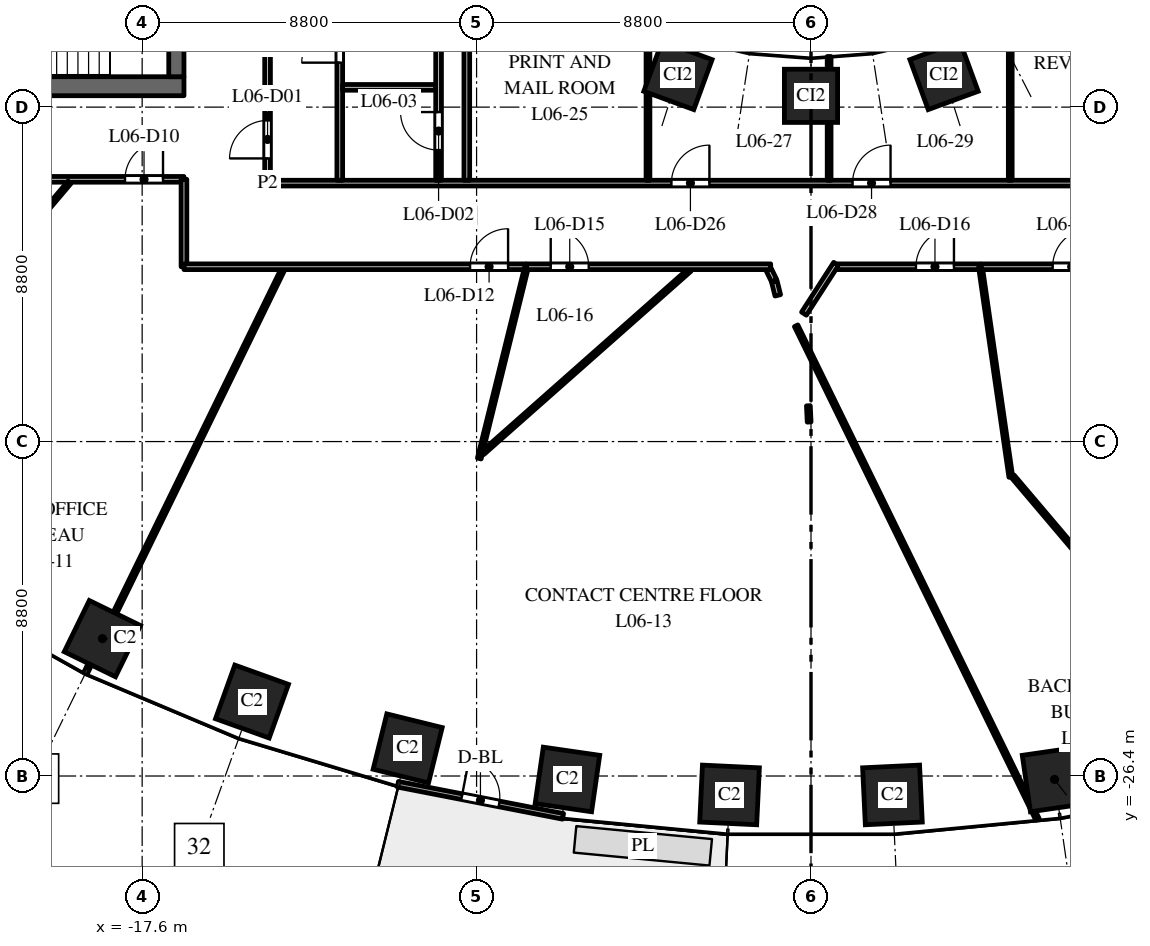
"""IFC4 building model, lengths in metres.
Left out: names, types, materials, properties, quantities, classifications, styles, units other than length and angle.
Written with IfcOpenShell. Run it as: python <this file> out.ifc"""

import sys

from ifc_helpers import new_model, si_unit, direction, frame, frame_2d, origin, origin_2d, place, context, subcontext, project, spatial, rectangle, extrude, element, fill, save


model = new_model("IFC4")
c1 = context("Model", 3, precision=1e-05, world=origin(), true_north=direction((0.0, 1.0)))
c2 = subcontext(c1, "Body", "Model", "MODEL_VIEW")
j1 = project(units=[si_unit("LENGTHUNIT", "METRE"), si_unit("PLANEANGLEUNIT", "RADIAN")], contexts=[c1])
p1 = place(None, origin())
s1 = spatial("IfcSite", under=j1, at=p1, CompositionType="ELEMENT")
p2 = place(p1, origin())
s2 = spatial("IfcBuilding", under=s1, at=p2, CompositionType="ELEMENT")
p3 = place(p2, frame((0.0, 0.0, 34.5)))
s3 = spatial("IfcBuildingStorey", under=s2, at=p3, CompositionType="ELEMENT", Elevation=34.5)
for number, where, z_axis, x_axis in (
    (1, (-18.646, -22.785, 0.0), (0.0, 0.0, 1.0), (0.898, -0.439, 0.0)),
    (2, (-14.709, -24.441, 0.0), (0.0, 0.0, 1.0), (0.941, -0.338, 0.0)),
    (3, (-10.613, -25.674, 0.0), (0.0, 0.0, 1.0), (0.971, -0.24, 0.0)),
    (4, (-6.409, -26.491, 0.0), (0.0, 0.0, 1.0), (0.99, -0.143, 0.0)),
    (5, (-2.143, -26.898, 0.0), (0.0, 0.0, 1.0), (0.999, -0.048, 0.0)),
    (6, (2.143, -26.898, 0.0), (0.0, 0.0, 1.0), (0.999, 0.048, 0.0)),
    (7, (6.409, -26.491, 0.0), (0.0, 0.0, 1.0), (0.99, 0.143, 0.0)),
):
    element("IfcColumn", number, at=place(p3, frame(where, z_axis=z_axis, x_axis=x_axis)), inside=s3, PredefinedType="COLUMN", context=c2, shape_type="SweptSolid", body=[
        extrude(rectangle(XDim=1.5, YDim=1.5, at=origin_2d()), origin(), (0.0, 0.0, 1.0), 4.0),
    ])
for number, where, z_axis, x_axis in (
    (8, (-3.501, -7.967, 0.0), (0.0, 0.0, 1.0), (0.939, -0.344, 0.0)),
    (9, (0.0, -8.503, 0.0), (0.0, 0.0, 1.0), (1.0, 0.0, 0.0)),
    (10, (3.501, -7.967, 0.0), (0.0, 0.0, 1.0), (0.939, 0.344, 0.0)),
):
    element("IfcColumn", number, at=place(p3, frame(where, z_axis=z_axis, x_axis=x_axis)), inside=s3, PredefinedType="COLUMN", context=c2, shape_type="SweptSolid", body=[
        extrude(rectangle(XDim=1.4, YDim=1.4, at=origin_2d()), origin(), (0.0, 0.0, 1.0), 4.0),
    ])
p4 = place(p3, frame((-16.5, -8.25, 0.0), z_axis=(0.0, 0.0, 1.0), x_axis=(-1.0, 0.0, 0.0)))
e11 = element("IfcWall", 11, at=p4, inside=s3, PredefinedType="SHEAR", context=c2, shape_type="SweptSolid", body=[
    extrude(rectangle(XDim=15.0, YDim=0.5, at=frame_2d((7.5, 0.0))), origin(), (0.0, 0.0, 1.0), 3.7),
])
p5 = place(p4, frame((6.9, 0.0, 0.0)))
e12 = element("IfcOpeningElement", 12, at=p5, cuts=e11, PredefinedType="OPENING", context=c2, shape_type="SweptSolid", body=[
    extrude(rectangle(XDim=1.2, YDim=2.1, at=frame_2d((0.6, 1.05))), frame((0.0, 0.26, 0.0), z_axis=(0.0, -1.0, 0.0), x_axis=(1.0, 0.0, 0.0)), (0.0, 0.0, 1.0), 0.52),
])
p6 = place(p4, frame((12.275, 0.0, 0.0)))
e13 = element("IfcOpeningElement", 13, at=p6, cuts=e11, PredefinedType="OPENING", context=c2, shape_type="SweptSolid", body=[
    extrude(rectangle(XDim=0.9, YDim=2.1, at=frame_2d((0.45, 1.05))), frame((0.0, 0.26, 0.0), z_axis=(0.0, -1.0, 0.0), x_axis=(1.0, 0.0, 0.0)), (0.0, 0.0, 1.0), 0.52),
])
p7 = place(p3, frame((-16.7, -8.0, 0.0), z_axis=(0.0, 0.0, 1.0), x_axis=(0.0, 1.0, 0.0)))
e14 = element("IfcWall", 14, at=p7, inside=s3, PredefinedType="SHEAR", context=c2, shape_type="SweptSolid", body=[
    extrude(rectangle(XDim=16.0, YDim=0.4, at=frame_2d((8.0, 0.0))), origin(), (0.0, 0.0, 1.0), 3.7),
])
p8 = place(p3, frame((-10.871, -26.617, 0.0), z_axis=(0.0, 0.0, 1.0), x_axis=(0.981631174778, -0.190788460615, 0.0)))
e15 = element("IfcWall", 15, at=p8, inside=s3, PredefinedType="STANDARD", context=c2, shape_type="SweptSolid", body=[
    extrude(rectangle(XDim=4.426, YDim=0.15, at=frame_2d((2.213, 0.0))), origin(), (0.0, 0.0, 1.0), 3.7),
])
p9 = place(p8, frame((1.713, 0.0, 0.0)))
e16 = element("IfcOpeningElement", 16, at=p9, cuts=e15, PredefinedType="OPENING", context=c2, shape_type="SweptSolid", body=[
    extrude(rectangle(XDim=1.0, YDim=2.4, at=frame_2d((0.5, 1.2))), frame((0.0, 0.085, 0.0), z_axis=(0.0, -1.0, 0.0), x_axis=(1.0, 0.0, 0.0)), (0.0, 0.0, 1.0), 0.17),
])
p10 = place(p3, frame((-31.5, -10.7, 0.0), z_axis=(0.0, 0.0, 1.0), x_axis=(1.0, 0.0, 0.0)))
e17 = element("IfcWall", 17, at=p10, inside=s3, PredefinedType="PARTITIONING", context=c2, shape_type="SweptSolid", body=[
    extrude(rectangle(XDim=15.0, YDim=0.15, at=frame_2d((7.5, 0.0))), origin(), (0.0, 0.0, 1.0), 3.1),
])
p11 = place(p10, frame((9.879, 0.0, 0.0)))
e18 = element("IfcOpeningElement", 18, at=p11, cuts=e17, PredefinedType="OPENING", context=c2, shape_type="SweptSolid", body=[
    extrude(rectangle(XDim=1.0, YDim=2.1, at=frame_2d((0.5, 1.05))), frame((0.0, 0.085, 0.0), z_axis=(0.0, -1.0, 0.0), x_axis=(1.0, 0.0, 0.0)), (0.0, 0.0, 1.0), 0.17),
])
p12 = place(p10, frame((13.449, 0.0, 0.0)))
e19 = element("IfcOpeningElement", 19, at=p12, cuts=e17, PredefinedType="OPENING", context=c2, shape_type="SweptSolid", body=[
    extrude(rectangle(XDim=1.0, YDim=2.1, at=frame_2d((0.5, 1.05))), frame((0.0, 0.085, 0.0), z_axis=(0.0, -1.0, 0.0), x_axis=(1.0, 0.0, 0.0)), (0.0, 0.0, 1.0), 0.17),
])
p13 = place(p3, frame((-26.43, -18.945, 0.0), z_axis=(0.0, 0.0, 1.0), x_axis=(0.646400187952, 0.762998556365, 0.0)))
e20 = element("IfcWall", 20, at=p13, inside=s3, PredefinedType="PARTITIONING", context=c2, shape_type="SweptSolid", body=[
    extrude(rectangle(XDim=10.704, YDim=0.1, at=frame_2d((5.352, 0.0))), origin(), (0.0, 0.0, 1.0), 3.7),
])
p14 = place(p3, frame((-19.086, -23.685, 0.0), z_axis=(0.0, 0.0, 1.0), x_axis=(0.439199750603, 0.898389436197, 0.0)))
e21 = element("IfcWall", 21, at=p14, inside=s3, PredefinedType="PARTITIONING", context=c2, shape_type="SweptSolid", body=[
    extrude(rectangle(XDim=11.81, YDim=0.1, at=frame_2d((5.905, 0.0))), origin(), (0.0, 0.0, 1.0), 3.7),
])
p15 = place(p3, frame((-16.5, -13.0, 0.0), z_axis=(0.0, 0.0, 1.0), x_axis=(0.0, 1.0, 0.0)))
e22 = element("IfcWall", 22, at=p15, inside=s3, PredefinedType="PARTITIONING", context=c2, shape_type="SweptSolid", body=[
    extrude(rectangle(XDim=2.3, YDim=0.15, at=frame_2d((1.15, 0.0))), origin(), (0.0, 0.0, 1.0), 2.75),
])
p16 = place(p3, frame((-16.5, -13.0, 0.0), z_axis=(0.0, 0.0, 1.0), x_axis=(1.0, 0.0, 0.0)))
e23 = element("IfcWall", 23, at=p16, inside=s3, PredefinedType="PARTITIONING", context=c2, shape_type="SweptSolid", body=[
    extrude(rectangle(XDim=9.001, YDim=0.15, at=frame_2d((4.5, 0.0))), origin(), (0.0, 0.0, 1.0), 2.85),
])
p17 = place(p16, frame((7.529, 0.0, 0.0)))
e24 = element("IfcOpeningElement", 24, at=p17, cuts=e23, PredefinedType="OPENING", context=c2, shape_type="SweptSolid", body=[
    extrude(rectangle(XDim=1.0, YDim=2.1, at=frame_2d((0.5, 1.05))), frame((0.0, 0.085, 0.0), z_axis=(0.0, -1.0, 0.0), x_axis=(1.0, 0.0, 0.0)), (0.0, 0.0, 1.0), 0.17),
])
p18 = place(p3, frame((-14.3, -10.8, 0.0), z_axis=(0.0, 0.0, 1.0), x_axis=(0.0, 1.0, 0.0)))
e25 = element("IfcWall", 25, at=p18, inside=s3, PredefinedType="PARTITIONING", context=c2, shape_type="SweptSolid", body=[
    extrude(rectangle(XDim=21.6, YDim=0.15, at=frame_2d((10.8, 0.0))), origin(), (0.0, 0.0, 1.0), 2.75),
])
p19 = place(p18, frame((0.65, 0.0, 0.0)))
e26 = element("IfcOpeningElement", 26, at=p19, cuts=e25, PredefinedType="OPENING", context=c2, shape_type="SweptSolid", body=[
    extrude(rectangle(XDim=1.0, YDim=2.1, at=frame_2d((0.5, 1.05))), frame((0.0, 0.085, 0.0), z_axis=(0.0, -1.0, 0.0), x_axis=(1.0, 0.0, 0.0)), (0.0, 0.0, 1.0), 0.17),
])
p20 = place(p3, frame((-14.3, -10.8, 0.0), z_axis=(0.0, 0.0, 1.0), x_axis=(1.0, 0.0, 0.0)))
e27 = element("IfcWall", 27, at=p20, inside=s3, PredefinedType="PARTITIONING", context=c2, shape_type="SweptSolid", body=[
    extrude(rectangle(XDim=28.6, YDim=0.15, at=frame_2d((14.3, 0.0))), origin(), (0.0, 0.0, 1.0), 2.85),
])
p21 = place(p20, frame((10.627, 0.0, 0.0)))
e28 = element("IfcOpeningElement", 28, at=p21, cuts=e27, PredefinedType="OPENING", context=c2, shape_type="SweptSolid", body=[
    extrude(rectangle(XDim=1.0, YDim=2.1, at=frame_2d((0.5, 1.05))), frame((0.0, 0.085, 0.0), z_axis=(0.0, -1.0, 0.0), x_axis=(1.0, 0.0, 0.0)), (0.0, 0.0, 1.0), 0.17),
])
p22 = place(p20, frame((15.393, 0.0, 0.0)))
e29 = element("IfcOpeningElement", 29, at=p22, cuts=e27, PredefinedType="OPENING", context=c2, shape_type="SweptSolid", body=[
    extrude(rectangle(XDim=1.0, YDim=2.1, at=frame_2d((0.5, 1.05))), frame((0.0, 0.085, 0.0), z_axis=(0.0, -1.0, 0.0), x_axis=(1.0, 0.0, 0.0)), (0.0, 0.0, 1.0), 0.17),
])
p23 = place(p3, frame((-12.4, -10.725, 0.0), z_axis=(0.0, 0.0, 1.0), x_axis=(0.0, 1.0, 0.0)))
e30 = element("IfcWall", 30, at=p23, inside=s3, PredefinedType="PARTITIONING", context=c2, shape_type="SweptSolid", body=[
    extrude(rectangle(XDim=7.065, YDim=0.15, at=frame_2d((3.533, 0.0))), origin(), (0.0, 0.0, 1.0), 2.75),
])
p24 = place(p23, frame((3.095, 0.0, 0.0)))
e31 = element("IfcOpeningElement", 31, at=p24, cuts=e30, PredefinedType="OPENING", context=c2, shape_type="SweptSolid", body=[
    extrude(rectangle(XDim=1.0, YDim=2.1, at=frame_2d((0.5, 1.05))), frame((0.0, 0.085, 0.0), z_axis=(0.0, -1.0, 0.0), x_axis=(1.0, 0.0, 0.0)), (0.0, 0.0, 1.0), 0.17),
])
p25 = place(p23, frame((5.447, 0.0, 0.0)))
e32 = element("IfcOpeningElement", 32, at=p25, cuts=e30, PredefinedType="OPENING", context=c2, shape_type="SweptSolid", body=[
    extrude(rectangle(XDim=1.0, YDim=2.1, at=frame_2d((0.5, 1.05))), frame((0.0, 0.085, 0.0), z_axis=(0.0, -1.0, 0.0), x_axis=(1.0, 0.0, 0.0)), (0.0, 0.0, 1.0), 0.17),
])
p26 = place(p3, frame((-12.325, -8.28, 0.0), z_axis=(0.0, 0.0, 1.0), x_axis=(1.0, 0.0, 0.0)))
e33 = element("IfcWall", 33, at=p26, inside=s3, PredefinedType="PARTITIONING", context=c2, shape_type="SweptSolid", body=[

- - - - - - -

## BRIEF
Go through the material line by line and work out how many lines include the string "IfcWall". Reply with the number only.

## SOLUTION FOR THIS TASK
12